**** Material to process ****
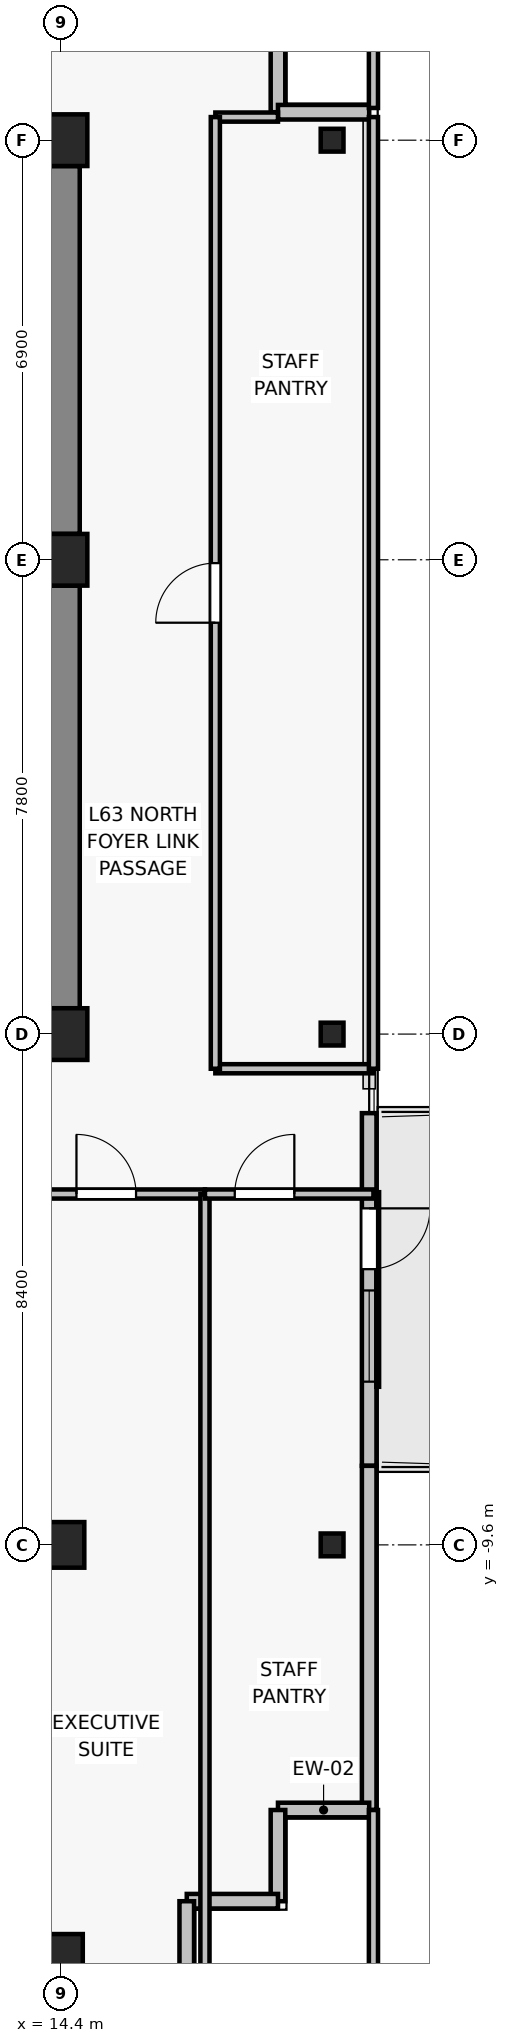
"""IFC4 building model, lengths in metres.
Left out: names, types, materials, properties, quantities, classifications, styles, units other than length and angle.
Written with IfcOpenShell. Run it as: python <this file> out.ifc"""

import sys

from ifc_helpers import new_model, si_unit, direction, frame, frame_2d, origin, origin_2d, place, context, subcontext, project, spatial, rectangle, i_section, extrude, source, transform, mapped, element, fill, save


model = new_model("IFC4")
c1 = context("Model", 3, precision=1e-05, world=origin(), true_north=direction((0.0, 1.0)))
c2 = subcontext(c1, "Body", "Model", "MODEL_VIEW")
j1 = project(units=[si_unit("LENGTHUNIT", "METRE"), si_unit("PLANEANGLEUNIT", "RADIAN")], contexts=[c1])
p1 = place(None, origin())
s1 = spatial("IfcSite", under=j1, at=p1, CompositionType="ELEMENT")
p2 = place(p1, origin())
s2 = spatial("IfcBuilding", under=s1, at=p2, CompositionType="ELEMENT")
p3 = place(p2, frame((0.0, 0.0, 225.4)))
s3 = spatial("IfcBuildingStorey", under=s2, at=p3, CompositionType="ELEMENT", Elevation=225.4)
for number, where, z_axis, x_axis in (
    (1, (14.4, -1.2, 0.0), (0.0, 0.0, 1.0), (1.0, 0.0, 0.0)),
    (2, (14.4, 6.6, 0.0), (0.0, 0.0, 1.0), (1.0, 0.0, 0.0)),
    (3, (14.4, 13.5, 0.0), (0.0, 0.0, 1.0), (1.0, 0.0, 0.0)),
):
    element("IfcColumn", number, at=place(p3, frame(where, z_axis=z_axis, x_axis=x_axis)), inside=s3, PredefinedType="COLUMN", context=c2, shape_type="SweptSolid", body=[
        extrude(rectangle(XDim=0.85, YDim=0.85, at=origin_2d()), origin(), (0.0, 0.0, 1.0), 3.3),
    ])
p4 = place(p3, frame((14.4, -9.6, 0.0), z_axis=(0.0, 0.0, 1.0), x_axis=(1.0, 0.0, 0.0)))
e4 = element("IfcColumn", 4, at=p4, inside=s3, PredefinedType="COLUMN", context=c2, shape_type="SweptSolid", body=[
    extrude(rectangle(XDim=0.75, YDim=0.75, at=origin_2d()), origin(), (0.0, 0.0, 1.0), 3.3),
])
p5 = place(p3, frame((14.4, -16.35, 0.0), z_axis=(0.0, 0.0, 1.0), x_axis=(1.0, 0.0, 0.0)))
e5 = element("IfcColumn", 5, at=p5, inside=s3, PredefinedType="COLUMN", context=c2, shape_type="SweptSolid", body=[
    extrude(rectangle(XDim=0.7, YDim=0.7, at=origin_2d()), origin(), (0.0, 0.0, 1.0), 3.3),
])
for number, where, z_axis, x_axis in (
    (6, (18.85, -9.6, 0.0), (0.0, 0.0, 1.0), (1.0, 0.0, 0.0)),
    (7, (18.85, -1.2, 0.0), (0.0, 0.0, 1.0), (1.0, 0.0, 0.0)),
    (8, (18.85, 13.5, 0.0), (0.0, 0.0, 1.0), (1.0, 0.0, 0.0)),
):
    element("IfcColumn", number, at=place(p3, frame(where, z_axis=z_axis, x_axis=x_axis)), inside=s3, PredefinedType="COLUMN", context=c2, shape_type="SweptSolid", body=[
        extrude(i_section(OverallWidth=0.375, OverallDepth=0.375, WebThickness=0.017, FlangeThickness=0.027, FilletRadius=0.015, at=origin_2d()), origin(), (0.0, 0.0, 1.0), 3.3),
    ])
p6 = place(p3, frame((14.4, -0.775, 0.0), z_axis=(0.0, 0.0, 1.0), x_axis=(0.0, 1.0, 0.0)))
e9 = element("IfcWall", 9, at=p6, inside=s3, PredefinedType="SHEAR", context=c2, shape_type="SweptSolid", body=[
    extrude(rectangle(XDim=6.95, YDim=0.6, at=frame_2d((3.475, 0.0))), origin(), (0.0, 0.0, 1.0), 3.075),
])
p7 = place(p3, frame((14.4, 7.025, 0.0), z_axis=(0.0, 0.0, 1.0), x_axis=(0.0, 1.0, 0.0)))
e10 = element("IfcWall", 10, at=p7, inside=s3, PredefinedType="SHEAR", context=c2, shape_type="SweptSolid", body=[
    extrude(rectangle(XDim=6.05, YDim=0.6, at=frame_2d((3.025, 0.0))), origin(), (0.0, 0.0, 1.0), 3.075),
])
p8 = place(p3, frame((19.46, -2.5, 0.0), z_axis=(0.0, 0.0, 1.0), x_axis=(0.0, -1.0, 0.0)))
e11 = element("IfcWall", 11, at=p8, inside=s3, PredefinedType="SOLIDWALL", context=c2, shape_type="SweptSolid", body=[
    extrude(rectangle(XDim=5.8, YDim=0.24, at=frame_2d((2.9, 0.0))), origin(), (0.0, 0.0, 1.0), 3.075),
])
p9 = place(p8, frame((1.566, 0.0, 0.0)))
e12 = element("IfcOpeningElement", 12, at=p9, cuts=e11, PredefinedType="OPENING", context=c2, shape_type="SweptSolid", body=[
    extrude(rectangle(XDim=1.0, YDim=2.2, at=frame_2d((0.5, 1.1))), frame((0.0, 0.13, 0.0), z_axis=(0.0, -1.0, 0.0), x_axis=(1.0, 0.0, 0.0)), (0.0, 0.0, 1.0), 0.26),
])
p10 = place(p8, frame((2.916, 0.0, 0.85)))
e13 = element("IfcOpeningElement", 13, at=p10, cuts=e11, PredefinedType="OPENING", context=c2, shape_type="SweptSolid", body=[
    extrude(rectangle(XDim=1.5, YDim=1.6, at=frame_2d((0.75, 0.8))), frame((0.0, 0.13, 0.0), z_axis=(0.0, -1.0, 0.0), x_axis=(1.0, 0.0, 0.0)), (0.0, 0.0, 1.0), 0.26),
])
for number, where, z_axis, x_axis in (
    (14, (17.96, 13.96, 0.0), (0.0, 0.0, 1.0), (0.0, 1.0, 0.0)),
    (15, (19.46, 13.96, 0.0), (0.0, 0.0, 1.0), (-1.0, 0.0, 0.0)),
):
    element("IfcWall", number, at=place(p3, frame(where, z_axis=z_axis, x_axis=x_axis)), inside=s3, PredefinedType="SOLIDWALL", context=c2, shape_type="SweptSolid", body=[
        extrude(rectangle(XDim=1.5, YDim=0.24, at=frame_2d((0.75, 0.0))), origin(), (0.0, 0.0, 1.0), 3.075),
    ])
p11 = place(p3, frame((19.46, -13.96, 0.0), z_axis=(0.0, 0.0, 1.0), x_axis=(0.0, 1.0, 0.0)))
e16 = element("IfcWall", 16, at=p11, inside=s3, PredefinedType="SOLIDWALL", context=c2, shape_type="SweptSolid", body=[
    extrude(rectangle(XDim=5.66, YDim=0.24, at=frame_2d((2.83, 0.0))), origin(), (0.0, 0.0, 1.0), 3.075),
])
for number, where, z_axis, x_axis in (
    (17, (17.96, -13.96, 0.0), (0.0, 0.0, 1.0), (1.0, 0.0, 0.0)),
    (18, (17.96, -15.46, 0.0), (0.0, 0.0, 1.0), (0.0, 1.0, 0.0)),
    (19, (16.46, -15.46, 0.0), (0.0, 0.0, 1.0), (1.0, 0.0, 0.0)),
    (20, (16.46, -16.96, 0.0), (0.0, 0.0, 1.0), (0.0, 1.0, 0.0)),
):
    element("IfcWall", number, at=place(p3, frame(where, z_axis=z_axis, x_axis=x_axis)), inside=s3, PredefinedType="SOLIDWALL", context=c2, shape_type="SweptSolid", body=[
        extrude(rectangle(XDim=1.5, YDim=0.24, at=frame_2d((0.75, 0.0))), origin(), (0.0, 0.0, 1.0), 3.075),
    ])
p12 = place(p3, frame((13.513, -3.83, 0.0), z_axis=(0.0, 0.0, 1.0), x_axis=(1.0, 0.0, 0.0)))
e21 = element("IfcWall", 21, at=p12, inside=s3, PredefinedType="PARTITIONING", context=c2, shape_type="SweptSolid", body=[
    extrude(rectangle(XDim=3.246, YDim=0.15, at=frame_2d((1.623, 0.0))), origin(), (0.0, 0.0, 1.0), 2.615),
])
p13 = place(p12, frame((1.133, 0.0, 0.0)))
e22 = element("IfcOpeningElement", 22, at=p13, cuts=e21, PredefinedType="OPENING", context=c2, shape_type="SweptSolid", body=[
    extrude(rectangle(XDim=0.98, YDim=2.15, at=frame_2d((0.49, 1.075))), frame((0.0, 0.085, 0.0), z_axis=(0.0, -1.0, 0.0), x_axis=(1.0, 0.0, 0.0)), (0.0, 0.0, 1.0), 0.17),
])
p14 = place(p3, frame((16.759, -3.83, 0.0), z_axis=(0.0, 0.0, 1.0), x_axis=(0.0, -1.0, 0.0)))
e23 = element("IfcWall", 23, at=p14, inside=s3, PredefinedType="PARTITIONING", context=c2, shape_type="SweptSolid", body=[
    extrude(rectangle(XDim=13.2, YDim=0.15, at=frame_2d((6.6, 0.0))), origin(), (0.0, 0.0, 1.0), 2.615),
])
p15 = place(p3, frame((16.759, -3.83, 0.0), z_axis=(0.0, 0.0, 1.0), x_axis=(1.0, 0.0, 0.0)))
e24 = element("IfcWall", 24, at=p15, inside=s3, PredefinedType="PARTITIONING", context=c2, shape_type="SweptSolid", body=[
    extrude(rectangle(XDim=2.771, YDim=0.15, at=frame_2d((1.385, 0.0))), origin(), (0.0, 0.0, 1.0), 2.765),
])
p16 = place(p15, frame((0.49, 0.0, 0.0)))
e25 = element("IfcOpeningElement", 25, at=p16, cuts=e24, PredefinedType="OPENING", context=c2, shape_type="SweptSolid", body=[
    extrude(rectangle(XDim=0.98, YDim=2.15, at=frame_2d((0.49, 1.075))), frame((0.0, 0.085, 0.0), z_axis=(0.0, -1.0, 0.0), x_axis=(1.0, 0.0, 0.0)), (0.0, 0.0, 1.0), 0.17),
])
p17 = place(p3, frame((19.53, -13.96, 0.0), z_axis=(0.0, 0.0, 1.0), x_axis=(0.0, -1.0, 0.0)))
e26 = element("IfcWall", 26, at=p17, inside=s3, PredefinedType="PARTITIONING", context=c2, shape_type="SweptSolid", body=[
    extrude(rectangle(XDim=3.07, YDim=0.15, at=frame_2d((1.535, 0.0))), origin(), (0.0, 0.0, 1.0), 3.075),
])
p18 = place(p3, frame((19.53, -1.77, 0.0), z_axis=(0.0, 0.0, 1.0), x_axis=(-1.0, 0.0, 0.0)))
e27 = element("IfcWall", 27, at=p18, inside=s3, PredefinedType="PARTITIONING", context=c2, shape_type="SweptSolid", body=[
    extrude(rectangle(XDim=2.6, YDim=0.15, at=frame_2d((1.3, 0.0))), origin(), (0.0, 0.0, 1.0), 2.765),
])
p19 = place(p3, frame((16.93, 13.88, 0.0), z_axis=(0.0, 0.0, 1.0), x_axis=(1.0, 0.0, 0.0)))
e28 = element("IfcWall", 28, at=p19, inside=s3, PredefinedType="PARTITIONING", context=c2, shape_type="SweptSolid", body=[
    extrude(rectangle(XDim=1.03, YDim=0.15, at=frame_2d((0.515, 0.0))), origin(), (0.0, 0.0, 1.0), 3.075),
])
p20 = place(p3, frame((16.93, -1.77, 0.0), z_axis=(0.0, 0.0, 1.0), x_axis=(0.0, 1.0, 0.0)))
e29 = element("IfcWall", 29, at=p20, inside=s3, PredefinedType="PARTITIONING", context=c2, shape_type="SweptSolid", body=[
    extrude(rectangle(XDim=15.65, YDim=0.15, at=frame_2d((7.825, 0.0))), origin(), (0.0, 0.0, 1.0), 2.615),
])
p21 = place(p20, frame((7.335, 0.0, 0.0)))
e30 = element("IfcOpeningElement", 30, at=p21, cuts=e29, PredefinedType="OPENING", context=c2, shape_type="SweptSolid", body=[
    extrude(rectangle(XDim=0.98, YDim=2.15, at=frame_2d((0.49, 1.075))), frame((0.0, 0.085, 0.0), z_axis=(0.0, -1.0, 0.0), x_axis=(1.0, 0.0, 0.0)), (0.0, 0.0, 1.0), 0.17),
])
p22 = place(p3, frame((19.53, 13.88, 0.0), z_axis=(0.0, 0.0, 1.0), x_axis=(0.0, -1.0, 0.0)))
e31 = element("IfcWall", 31, at=p22, inside=s3, PredefinedType="PARTITIONING", context=c2, shape_type="SweptSolid", body=[
    extrude(rectangle(XDim=15.65, YDim=0.15, at=frame_2d((7.825, 0.0))), origin(), (0.0, 0.0, 1.0), 3.075),
])
p23 = place(p3, frame((19.53, 17.03, 0.0), z_axis=(0.0, 0.0, 1.0), x_axis=(0.0, -1.0, 0.0)))
e32 = element("IfcWall", 32, at=p23, inside=s3, PredefinedType="PARTITIONING", context=c2, shape_type="SweptSolid", body=[
    extrude(rectangle(XDim=3.0, YDim=0.15, at=frame_2d((1.5, 0.0))), origin(), (0.0, 0.0, 1.0), 3.075),
])
m1 = source(origin(), c2, "Body", "SweptSolid", [
    extrude(rectangle(XDim=1.0, YDim=2.2, at=frame_2d((0.5, 1.1))), frame((0.0, 0.025, 0.0), z_axis=(0.0, -1.0, 0.0), x_axis=(1.0, 0.0, 0.0)), (0.0, 0.0, 1.0), 0.05),
])
p24 = place(p9, origin())
e33 = element("IfcDoor", 33, at=p24, inside=s3, OperationType="SINGLE_SWING_LEFT", PredefinedType="DOOR", context=c2, shape_type="MappedRepresentation", body=[
    mapped(m1, transform((0.0, 0.0, 0.0), x_axis=(1.0, 0.0, 0.0), y_axis=(0.0, 1.0, 0.0), z_axis=(0.0, 0.0, 1.0), scale=1.0)),
])
fill(e12, e33)
m2 = source(origin(), c2, "Body", "SweptSolid", [
    extrude(rectangle(XDim=1.5, YDim=1.6, at=frame_2d((0.75, 0.8))), frame((0.0, 0.03, 0.0), z_axis=(0.0, -1.0, 0.0), x_axis=(1.0, 0.0, 0.0)), (0.0, 0.0, 1.0), 0.06),
])
p25 = place(p10, origin())
e34 = element("IfcWindow", 34, at=p25, inside=s3, PartitioningType="SINGLE_PANEL", PredefinedType="WINDOW", context=c2, shape_type="MappedRepresentation", body=[
    mapped(m2, transform((0.0, 0.0, 0.0), x_axis=(1.0, 0.0, 0.0), y_axis=(0.0, 1.0, 0.0), z_axis=(0.0, 0.0, 1.0), scale=1.0)),
])
fill(e13, e34)
m3 = source(origin(), c2, "Body", "SweptSolid", [
    extrude(rectangle(XDim=0.98, YDim=2.15, at=frame_2d((0.49, 1.075))), frame((0.0, 0.025, 0.0), z_axis=(0.0, -1.0, 0.0), x_axis=(1.0, 0.0, 0.0)), (0.0, 0.0, 1.0), 0.05),
])
p26 = place(p13, origin())
e35 = element("IfcDoor", 35, at=p26, inside=s3, OperationType="SINGLE_SWING_LEFT", PredefinedType="DOOR", context=c2, shape_type="MappedRepresentation", body=[
    mapped(m3, transform((0.0, 0.0, 0.0), x_axis=(1.0, 0.0, 0.0), y_axis=(0.0, 1.0, 0.0), z_axis=(0.0, 0.0, 1.0), scale=1.0)),
])
fill(e22, e35)
p27 = place(p16, origin())
e36 = element("IfcDoor", 36, at=p27, inside=s3, OperationType="SINGLE_SWING_RIGHT", PredefinedType="DOOR", context=c2, shape_type="MappedRepresentation", body=[
    mapped(m3, transform((0.0, 0.0, 0.0), x_axis=(1.0, 0.0, 0.0), y_axis=(0.0, 1.0, 0.0), z_axis=(0.0, 0.0, 1.0), scale=1.0)),
])
fill(e25, e36)
p28 = place(p21, origin())
e37 = element("IfcDoor", 37, at=p28, inside=s3, OperationType="SINGLE_SWING_LEFT", PredefinedType="DOOR", context=c2, shape_type="MappedRepresentation", body=[
    mapped(m3, transform((0.0, 0.0, 0.0), x_axis=(1.0, 0.0, 0.0), y_axis=(0.0, 1.0, 0.0), z_axis=(0.0, 0.0, 1.0), scale=1.0)),
])
fill(e30, e37)
save(model, sys.argv[1])
****
* _Task objective_: Filter the listing above by the word "IfcColumn"; copy each line that passes.

* _Task response_:
    element("IfcColumn", number, at=place(p3, frame(where, z_axis=z_axis, x_axis=x_axis)), inside=s3, PredefinedType="COLUMN", context=c2, shape_type="SweptSolid", body=[
e4 = element("IfcColumn", 4, at=p4, inside=s3, PredefinedType="COLUMN", context=c2, shape_type="SweptSolid", body=[
e5 = element("IfcColumn", 5, at=p5, inside=s3, PredefinedType="COLUMN", context=c2, shape_type="SweptSolid", body=[
    element("IfcColumn", number, at=place(p3, frame(where, z_axis=z_axis, x_axis=x_axis)), inside=s3, PredefinedType="COLUMN", context=c2, shape_type="SweptSolid", body=[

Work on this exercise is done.